What is required: Report back each line of the records that contains the string "angle".

Records to process:
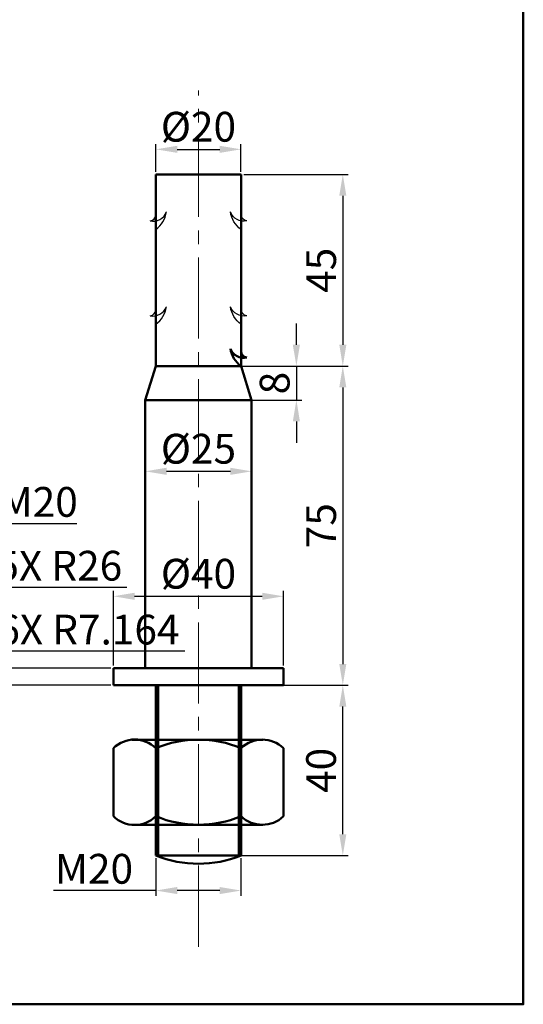
# Model space of a CAD drawing. Units: millimetres. Extents: x 120 to 482, y 299 to 766.
# Tile 2 of 3: x 355 to 473, y 299 to 531. Entities that reach past the tile are written whole.
import ezdxf

# ---------------------------------------------------------------- set-up
doc = ezdxf.new("R2010")
doc.units = ezdxf.units.MM
doc.linetypes.add('CENTER2', pattern=[28.575, 19.05, -3.175, 3.175, -3.175])
for name, color, linetype, lineweight in [('M-CNTR', 4, 'CENTER2', 18), ('M-DIMS', 2, 'Continuous', 25), ('M-OUTL', 7, 'Continuous', 50), ('M-SYMB', 7, 'Continuous', 25)]:
    doc.layers.add(name, color=color, linetype=linetype, lineweight=lineweight)
doc.styles.get("Standard").update_dxf_attribs({"font": 'arial.ttf'})
doc.dimstyles.new('ISO-25', dxfattribs={"dimtxt": 7, "dimasz": 5, "dimexe": 1.25, "dimexo": 0.625, "dimtad": 1, "dimtoh": 1, "dimdec": 0, "dimtxsty": 'Standard', "dimcen": 2.5, "dimadec": 0, "dimazin": 0, "dimtfac": 1, "dimtdec": 0, "dimtmove": 0, "dimatfit": 3, "dimfxl": 1, "dimarcsym": 0})

# ---------------------------------------------------------------- blocks, each defined once
blk = doc.blocks.new('*D3')
at = {"layer": 'Defpoints', "color": 0, "transparency": 16777216}
for p in [(342.61, 407.23), (342.61, 387.23), (349.55, 387.23)]:
    blk.add_point(p, dxfattribs=at)
at = {"layer": 'M-DIMS', "color": 0, "lineweight": -2, "transparency": 16777216}
for p, q in [((349.55, 407.23), (349.55, 412.23)), ((349.55, 412.23), (368, 412.23)), ((343.23, 407.23), (350.8, 407.23)), ((349.55, 392.23), (349.55, 402.23)), ((343.23, 387.23), (350.8, 387.23))]:
    blk.add_line(p, q, dxfattribs=at)
at = {"layer": 'M-DIMS', "color": 0, "transparency": 16777216}
for points in [[(348.72, 402.23), (350.38, 402.23), (349.55, 407.23)], [(348.72, 392.23), (350.38, 392.23), (349.55, 387.23)]]:
    blk.add_solid(points, dxfattribs=at)
at = {"layer": 'M-DIMS', "color": 0, "transparency": 16777216, "insert": (359.09, 416.43), "char_height": 7, "attachment_point": 5}
blk.add_mtext('M20', dxfattribs=at)
blk = doc.blocks.new('*U13')
at = {"layer": 'M-CNTR', "color": 0, "transparency": 16777216}
blk.add_line((0, -96.92), (0, 104.23), dxfattribs=at)
blk = doc.blocks.new('*D14')
at = {"layer": 'Defpoints', "color": 0, "transparency": 16777216}
for p in [(386.62, 334.25), (406.62, 334.25), (406.62, 326.03)]:
    blk.add_point(p, dxfattribs=at)
at = {"layer": 'M-DIMS', "color": 0, "lineweight": -2, "transparency": 16777216}
for p, q in [((386.62, 333.62), (386.62, 324.78)), ((406.62, 333.62), (406.62, 324.78)), ((386.62, 326.03), (362.55, 326.03)), ((401.62, 326.03), (391.62, 326.03))]:
    blk.add_line(p, q, dxfattribs=at)
at = {"layer": 'M-DIMS', "color": 0, "transparency": 16777216}
for points in [[(391.62, 326.86), (391.62, 325.19), (386.62, 326.03)], [(401.62, 326.86), (401.62, 325.19), (406.62, 326.03)]]:
    blk.add_solid(points, dxfattribs=at)
at = {"layer": 'M-DIMS', "color": 0, "transparency": 16777216, "insert": (372.08, 330.23), "char_height": 7, "attachment_point": 5}
blk.add_mtext('M20', dxfattribs=at)
blk = doc.blocks.new('*D15')
at = {"layer": 'Defpoints', "color": 0, "transparency": 16777216}
for p in [(396.62, 374.25), (430.55, 374.25), (396.62, 334.25)]:
    blk.add_point(p, dxfattribs=at)
at = {"layer": 'M-DIMS', "color": 0, "lineweight": -2, "transparency": 16777216}
for p, q in [((397.25, 374.25), (431.8, 374.25)), ((430.55, 339.25), (430.55, 369.25)), ((397.25, 334.25), (431.8, 334.25))]:
    blk.add_line(p, q, dxfattribs=at)
at = {"layer": 'M-DIMS', "color": 0, "transparency": 16777216}
for points in [[(429.72, 369.25), (431.38, 369.25), (430.55, 374.25)], [(429.72, 339.25), (431.38, 339.25), (430.55, 334.25)]]:
    blk.add_solid(points, dxfattribs=at)
at = {"layer": 'M-DIMS', "color": 0, "transparency": 16777216, "insert": (426.35, 354.25), "char_height": 7, "attachment_point": 5, "rotation": 90}
blk.add_mtext('40', dxfattribs=at)
blk = doc.blocks.new('*D16')
at = {"layer": 'Defpoints', "color": 0, "transparency": 16777216}
for p in [(416.62, 395.16), (376.62, 378.25), (416.62, 378.25)]:
    blk.add_point(p, dxfattribs=at)
at = {"layer": 'M-DIMS', "color": 0, "lineweight": -2, "transparency": 16777216}
for p, q in [((376.62, 378.87), (376.62, 396.41)), ((416.62, 378.87), (416.62, 396.41)), ((381.62, 395.16), (411.62, 395.16))]:
    blk.add_line(p, q, dxfattribs=at)
at = {"layer": 'M-DIMS', "color": 0, "transparency": 16777216}
for points in [[(381.62, 395.99), (381.62, 394.32), (376.62, 395.16)], [(411.62, 395.99), (411.62, 394.32), (416.62, 395.16)]]:
    blk.add_solid(points, dxfattribs=at)
at = {"layer": 'M-DIMS', "color": 0, "transparency": 16777216, "insert": (396.62, 399.55), "char_height": 7, "attachment_point": 5}
blk.add_mtext('%%C40', dxfattribs=at)
blk = doc.blocks.new('*D17')
at = {"layer": 'Defpoints', "color": 0, "transparency": 16777216}
for p in [(384.12, 423.55), (409.12, 424.52), (409.12, 423.55)]:
    blk.add_point(p, dxfattribs=at)
at = {"layer": 'M-DIMS', "color": 0, "lineweight": -2, "transparency": 16777216}
for p, q in [((384.12, 424.18), (384.12, 425.77)), ((409.12, 424.18), (409.12, 425.77)), ((389.12, 424.52), (404.12, 424.52))]:
    blk.add_line(p, q, dxfattribs=at)
at = {"layer": 'M-DIMS', "color": 0, "transparency": 16777216}
for points in [[(389.12, 425.36), (389.12, 423.69), (384.12, 424.52)], [(404.12, 425.36), (404.12, 423.69), (409.12, 424.52)]]:
    blk.add_solid(points, dxfattribs=at)
at = {"layer": 'M-DIMS', "color": 0, "transparency": 16777216, "insert": (396.62, 428.92), "char_height": 7, "attachment_point": 5}
blk.add_mtext('%%C25', dxfattribs=at)
blk = doc.blocks.new('*D18')
at = {"layer": 'Defpoints', "color": 0, "transparency": 16777216}
for p in [(396.62, 449.25), (396.62, 441.25), (419.64, 441.25)]:
    blk.add_point(p, dxfattribs=at)
at = {"layer": 'M-DIMS', "color": 0, "lineweight": -2, "transparency": 16777216}
for p, q in [((419.64, 454.25), (419.64, 459.25)), ((397.25, 449.25), (420.89, 449.25)), ((419.64, 449.25), (419.64, 441.25)), ((397.25, 441.25), (420.89, 441.25)), ((419.64, 436.25), (419.64, 431.25))]:
    blk.add_line(p, q, dxfattribs=at)
at = {"layer": 'M-DIMS', "color": 0, "transparency": 16777216}
for points in [[(418.8, 454.25), (420.47, 454.25), (419.64, 449.25)], [(418.8, 436.25), (420.47, 436.25), (419.64, 441.25)]]:
    blk.add_solid(points, dxfattribs=at)
at = {"layer": 'M-DIMS', "color": 0, "transparency": 16777216, "insert": (415.44, 445.25), "char_height": 7, "attachment_point": 5, "rotation": 90}
blk.add_mtext('8', dxfattribs=at)
blk = doc.blocks.new('*D19')
at = {"layer": 'Defpoints', "color": 0, "transparency": 16777216}
for p in [(406.62, 494.25), (396.62, 449.25), (430.55, 449.25)]:
    blk.add_point(p, dxfattribs=at)
at = {"layer": 'M-DIMS', "color": 0, "lineweight": -2, "transparency": 16777216}
for p, q in [((407.25, 494.25), (431.8, 494.25)), ((430.55, 489.25), (430.55, 454.25)), ((397.25, 449.25), (431.8, 449.25))]:
    blk.add_line(p, q, dxfattribs=at)
at = {"layer": 'M-DIMS', "color": 0, "transparency": 16777216}
for points in [[(429.72, 489.25), (431.38, 489.25), (430.55, 494.25)], [(429.72, 454.25), (431.38, 454.25), (430.55, 449.25)]]:
    blk.add_solid(points, dxfattribs=at)
at = {"layer": 'M-DIMS', "color": 0, "transparency": 16777216, "insert": (426.36, 471.75), "char_height": 7, "attachment_point": 5, "rotation": 90}
blk.add_mtext('45', dxfattribs=at)
blk = doc.blocks.new('*D20')
at = {"layer": 'Defpoints', "color": 0, "transparency": 16777216}
for p in [(424.07, 449.25), (424.07, 374.25), (430.55, 374.25)]:
    blk.add_point(p, dxfattribs=at)
at = {"layer": 'M-DIMS', "color": 0, "lineweight": -2, "transparency": 16777216}
for p, q in [((424.69, 449.25), (431.8, 449.25)), ((430.55, 444.25), (430.55, 379.25)), ((424.69, 374.25), (431.8, 374.25))]:
    blk.add_line(p, q, dxfattribs=at)
at = {"layer": 'M-DIMS', "color": 0, "transparency": 16777216}
for points in [[(429.72, 444.25), (431.38, 444.25), (430.55, 449.25)], [(429.72, 379.25), (431.38, 379.25), (430.55, 374.25)]]:
    blk.add_solid(points, dxfattribs=at)
at = {"layer": 'M-DIMS', "color": 0, "transparency": 16777216, "insert": (426.36, 411.75), "char_height": 7, "attachment_point": 5, "rotation": 90}
blk.add_mtext('75', dxfattribs=at)
blk = doc.blocks.new('*D21')
at = {"layer": 'Defpoints', "color": 0, "transparency": 16777216}
for p in [(406.62, 500.17), (386.62, 494.25), (406.62, 494.25)]:
    blk.add_point(p, dxfattribs=at)
at = {"layer": 'M-DIMS', "color": 0, "lineweight": -2, "transparency": 16777216}
for p, q in [((386.62, 494.87), (386.62, 501.42)), ((391.62, 500.17), (401.62, 500.17)), ((406.62, 494.87), (406.62, 501.42))]:
    blk.add_line(p, q, dxfattribs=at)
at = {"layer": 'M-DIMS', "color": 0, "transparency": 16777216}
for points in [[(391.62, 501), (391.62, 499.34), (386.62, 500.17)], [(401.62, 501), (401.62, 499.34), (406.62, 500.17)]]:
    blk.add_solid(points, dxfattribs=at)
at = {"layer": 'M-DIMS', "color": 0, "transparency": 16777216, "insert": (396.62, 504.57), "char_height": 7, "attachment_point": 5}
blk.add_mtext('%%C20', dxfattribs=at)
blk = doc.blocks.new('BREAK-MARK')
for centre, radius, start, end in [((0.72, 5.29), 3.36, 257.6696, 339.1974), ((-0.14, 3.52), 1.52, 275.355, 359.209), ((-2.21, 4.97), 6.13, 305.8281, 351.7873)]:
    blk.add_arc(centre, radius, start, end)
blk = doc.blocks.new('*D42')
at = {"layer": 'Defpoints', "color": 0, "transparency": 16777216}
for p in [(376.62, 378.25), (149.13, 374.25), (376.62, 374.25)]:
    blk.add_point(p, dxfattribs=at)
at = {"layer": 'M-DIMS', "color": 0, "lineweight": -2, "transparency": 16777216}
for p, q in [((149.13, 383.25), (149.13, 388.25)), ((376, 378.25), (147.88, 378.25)), ((149.13, 378.25), (149.13, 374.25)), ((376, 374.25), (147.88, 374.25)), ((149.13, 369.25), (149.13, 364.25)), ((149.13, 364.25), (143.66, 364.25))]:
    blk.add_line(p, q, dxfattribs=at)
at = {"layer": 'M-DIMS', "color": 0, "transparency": 16777216}
for points in [[(148.29, 383.25), (149.96, 383.25), (149.13, 378.25)], [(148.29, 369.25), (149.96, 369.25), (149.13, 374.25)]]:
    blk.add_solid(points, dxfattribs=at)
at = {"layer": 'M-DIMS', "color": 0, "transparency": 16777216, "insert": (146.08, 368.37), "char_height": 7, "attachment_point": 5}
blk.add_mtext('4', dxfattribs=at)
blk = doc.blocks.new('*D44')
at = {"layer": 'Defpoints', "color": 0, "transparency": 16777216}
for p in [(304.27, 397.23), (330.27, 397.23)]:
    blk.add_point(p, dxfattribs=at)
at = {"layer": 'M-DIMS', "color": 0, "lineweight": -2, "transparency": 16777216}
for p, q in [((304.27, 397.23), (330.27, 397.23)), ((347.42, 397.23), (335.27, 397.23)), ((379.8, 397.23), (347.42, 397.23))]:
    blk.add_line(p, q, dxfattribs=at)
at = {"layer": 'M-DIMS', "color": 0, "transparency": 16777216}
blk.add_solid([(335.27, 398.06), (335.27, 396.4), (330.27, 397.23)], dxfattribs=at)
at = {"layer": 'M-DIMS', "color": 0, "transparency": 16777216, "insert": (363.92, 401.43), "char_height": 7, "attachment_point": 5}
blk.add_mtext('5X R26', dxfattribs=at)
blk = doc.blocks.new('*D46')
at = {"layer": 'Defpoints', "color": 0, "transparency": 16777216}
for p in [(323.14, 382.23), (330.3, 382.23)]:
    blk.add_point(p, dxfattribs=at)
at = {"layer": 'M-DIMS', "color": 0, "lineweight": -2, "transparency": 16777216}
for p, q in [((323.14, 382.23), (330.3, 382.23)), ((347.45, 382.23), (335.3, 382.23)), ((393.45, 382.23), (347.45, 382.23))]:
    blk.add_line(p, q, dxfattribs=at)
at = {"layer": 'M-DIMS', "color": 0, "transparency": 16777216}
blk.add_solid([(335.3, 383.06), (335.3, 381.4), (330.3, 382.23)], dxfattribs=at)
at = {"layer": 'M-DIMS', "color": 0, "transparency": 16777216, "insert": (370.76, 386.43), "char_height": 7, "attachment_point": 5}
blk.add_mtext('6X R7.164', dxfattribs=at)

msp = doc.modelspace()

# ---------------------------------------------------------------- linework, layer by layer
at = {"layer": 'M-OUTL'}
for p, q in [((406.6246, 494.2458), (386.6246, 494.2458)), ((386.6246, 494.2458), (386.6246, 449.2458)), ((406.6246, 449.2458), (406.6246, 494.2458)), ((386.6246, 449.2458), (384.1246, 441.2458)), ((386.6246, 449.2458), (406.6246, 449.2458)), ((406.6246, 449.2458), (409.1246, 441.2458)), ((384.1246, 441.2458), (409.1246, 441.2458)), ((384.1246, 378.2458), (384.1246, 441.2458)), ((409.1246, 378.2458), (409.1246, 441.2458)), ((386.6246, 374.2458), (406.6246, 374.2458)), ((386.6246, 374.2458), (386.6246, 334.2458)), ((387.1246, 374.2458), (387.1246, 334.2458)), ((406.1246, 374.2458), (406.1246, 334.2458)), ((406.6246, 334.2458), (406.6246, 374.2458)), ((411.7447, 361.4737), (380.9333, 361.4737)), ((376.6246, 359.4737), (376.6246, 343.4737)), ((386.6246, 359.4737), (386.6246, 343.4737)), ((406.6246, 341.4737), (406.6246, 359.4737)), ((416.6246, 343.4737), (416.6246, 359.4737)), ((380.9333, 341.4737), (411.7447, 341.4737)), ((386.6246, 334.2458), (406.6246, 334.2458))]:
    msp.add_line(p, q, dxfattribs=at)
msp.add_lwpolyline([(129.5751, 766.022), (472.9721, 766.022), (472.9721, 299.2966), (129.5751, 299.2966)], close=True, dxfattribs=at)
for centre, radius, start, end in [((407.2881, 454.5326), 3.3607, 200.802598, 282.33044), ((410.2119, 454.2145), 6.1283, 188.212732, 234.171857), ((408.1479, 452.7662), 1.5235, 180.791034, 264.644968), ((381.6246, 354.3432), 7.1639, 45.738071, 134.261929), ((396.6246, 335.4737), 26, 67.380135, 112.619865), ((411.6246, 354.2273), 7.2474, 46.377545, 133.622455), ((381.6246, 348.6042), 7.1639, 225.738071, 314.261929), ((396.6246, 367.4737), 26, 247.380135, 292.619865), ((411.6246, 348.7201), 7.2474, 226.377545, 313.622455), ((396.6246, 359.2234), 26.905, 248.180848, 291.819152)]:
    msp.add_arc(centre, radius, start, end, dxfattribs=at)
msp.add_open_spline([(416.6246, 378.2458), (416.458, 378.2458), (416.2913, 378.2458), (416.1246, 378.2458), (403.1246, 378.2458), (390.1246, 378.2458), (377.1246, 378.2458), (376.958, 378.2458), (376.7913, 378.2458), (376.6246, 378.2458)], degree=3, knots=[-0.01282051, -0.01282051, -0.01282051, -0.01282051, 0, 0, 0, 1, 1, 1, 2, 2, 2, 2], dxfattribs=at)
for points in [[(376.6246, 378.2458), (376.6246, 376.9125), (376.6246, 375.5791), (376.6246, 374.2458)], [(416.6246, 374.2458), (416.6246, 375.5791), (416.6246, 376.9125), (416.6246, 378.2458)], [(376.6246, 374.2458), (389.958, 374.2458), (403.2913, 374.2458), (416.6246, 374.2458)]]:
    msp.add_open_spline(points, degree=3, dxfattribs=at)

# ---------------------------------------------------------------- block references
at = {"layer": 'M-CNTR'}
msp.add_blockref('*U13', (396.6246, 409.7458), dxfattribs=at)
at = {"layer": 'M-SYMB'}
for p in [(385.243, 481.3577), (385.243, 459.081)]:
    msp.add_blockref('BREAK-MARK', p, dxfattribs=at)
at = {"layer": 'M-SYMB', "extrusion": (0, 0, -1), "zscale": -1}
for p in [(-408.0063, 481.3577), (-408.0063, 459.081)]:
    msp.add_blockref('BREAK-MARK', p, dxfattribs=at)

# ---------------------------------------------------------------- dimensions: what is measured, and where the dimension line sits
at = {"layer": 'M-DIMS'}
for base, p1, p2, picture, middle in [((406.6246, 500.171), (386.6246, 494.2458), (406.6246, 494.2458), '*D21', (396.6246, 504.5658)), ((409.1246, 424.5231), (384.1246, 423.5507), (409.1246, 423.5507), '*D17', (396.6246, 428.9179)), ((416.6246, 395.1577), (376.6246, 378.2458), (416.6246, 378.2458), '*D16', (396.6246, 399.5525))]:
    dim = msp.add_linear_dim(base=base, p1=p1, p2=p2, text='%%C<>', dimstyle='ISO-25', override={"dimclrd": 0, "dimclre": 0, "dimclrt": 0}, dxfattribs=at)
    dim.commit()
    dim.dimension.update_dxf_attribs({"geometry": picture, "text_midpoint": middle})
for base, p1, p2, override, picture, middle in [((430.5494, 449.2458), (406.6246, 494.2458), (396.6246, 449.2458), {"dimclrd": 0, "dimclre": 0, "dimclrt": 0}, '*D19', (426.3647, 471.7458)), ((419.6378, 441.2458), (396.6246, 449.2458), (396.6246, 441.2458), {"dimclrd": 0, "dimclre": 0, "dimclrt": 0}, '*D18', (415.4388, 445.2458)), ((430.5494, 374.2458), (424.0677, 449.2458), (424.0677, 374.2458), {"dimclrd": 0, "dimclre": 0, "dimclrt": 0}, '*D20', (426.3647, 411.7458)), ((149.1271, 374.2458), (376.6246, 378.2458), (376.6246, 374.2458), {"dimdec": 0, "dimlfac": 1, "dimrnd": 0, "dimzin": 0, "dimdsep": 46, "dimlunit": 2}, '*D42', (146.0812, 368.3708)), ((430.5494, 374.2458), (396.6246, 334.2458), (396.6246, 374.2458), {"dimclrd": 0, "dimclre": 0, "dimclrt": 0}, '*D15', (426.3504, 354.2458))]:
    dim = msp.add_linear_dim(base=base, p1=p1, p2=p2, angle=90, dimstyle='ISO-25', override=override, dxfattribs=at)
    dim.commit()
    dim.dimension.update_dxf_attribs({"geometry": picture, "text_midpoint": middle})
dim = msp.add_linear_dim(base=(349.5499, 387.2311), p1=(342.61, 407.2311), p2=(342.61, 387.2311), angle=90, text='M<>', dimstyle='ISO-25', override={"dimclrd": 0, "dimclre": 0, "dimclrt": 0}, dxfattribs=at)
dim.commit()
dim.dimension.update_dxf_attribs({"geometry": '*D3', "text_midpoint": (359.0896, 412.2311), "dimtype": 160})
for center, mpoint, text, override, picture, middle in [((304.2686, 397.2311), (330.2686, 397.231), '5X <>', {"dimdec": 0, "dimlfac": 1, "dimrnd": 0, "dimzin": 0, "dimdsep": 46, "dimlunit": 2}, '*D44', (363.9229, 401.43)), ((323.1381, 382.2311), (330.302, 382.231), '6X <>', {"dimdec": 3, "dimlfac": 1, "dimrnd": 0, "dimzin": 0, "dimdsep": 46, "dimlunit": 2}, '*D46', (370.7606, 386.4298))]:
    dim = msp.add_radius_dim(center=center, mpoint=mpoint, text=text, dimstyle='ISO-25', override=override, dxfattribs=at)
    dim.commit()
    dim.dimension.update_dxf_attribs({"geometry": picture, "text_midpoint": middle})
dim = msp.add_linear_dim(base=(406.6246, 326.0275), p1=(386.6246, 334.2458), p2=(406.6246, 334.2458), text='M<>', dimstyle='ISO-25', override={"dimclrd": 0, "dimclre": 0, "dimclrt": 0}, dxfattribs=at)
dim.commit()
dim.dimension.update_dxf_attribs({"geometry": '*D14', "text_midpoint": (372.0849, 326.0275), "dimtype": 160})

doc.saveas('drawing.dxf')

Solved exercise:
    dim = msp.add_linear_dim(base=base, p1=p1, p2=p2, angle=90, dimstyle='ISO-25', override=override, dxfattribs=at)
dim = msp.add_linear_dim(base=(349.5499, 387.2311), p1=(342.61, 407.2311), p2=(342.61, 387.2311), angle=90, text='M<>', dimstyle='ISO-25', override={"dimclrd": 0, "dimclre": 0, "dimclrt": 0}, dxfattribs=at)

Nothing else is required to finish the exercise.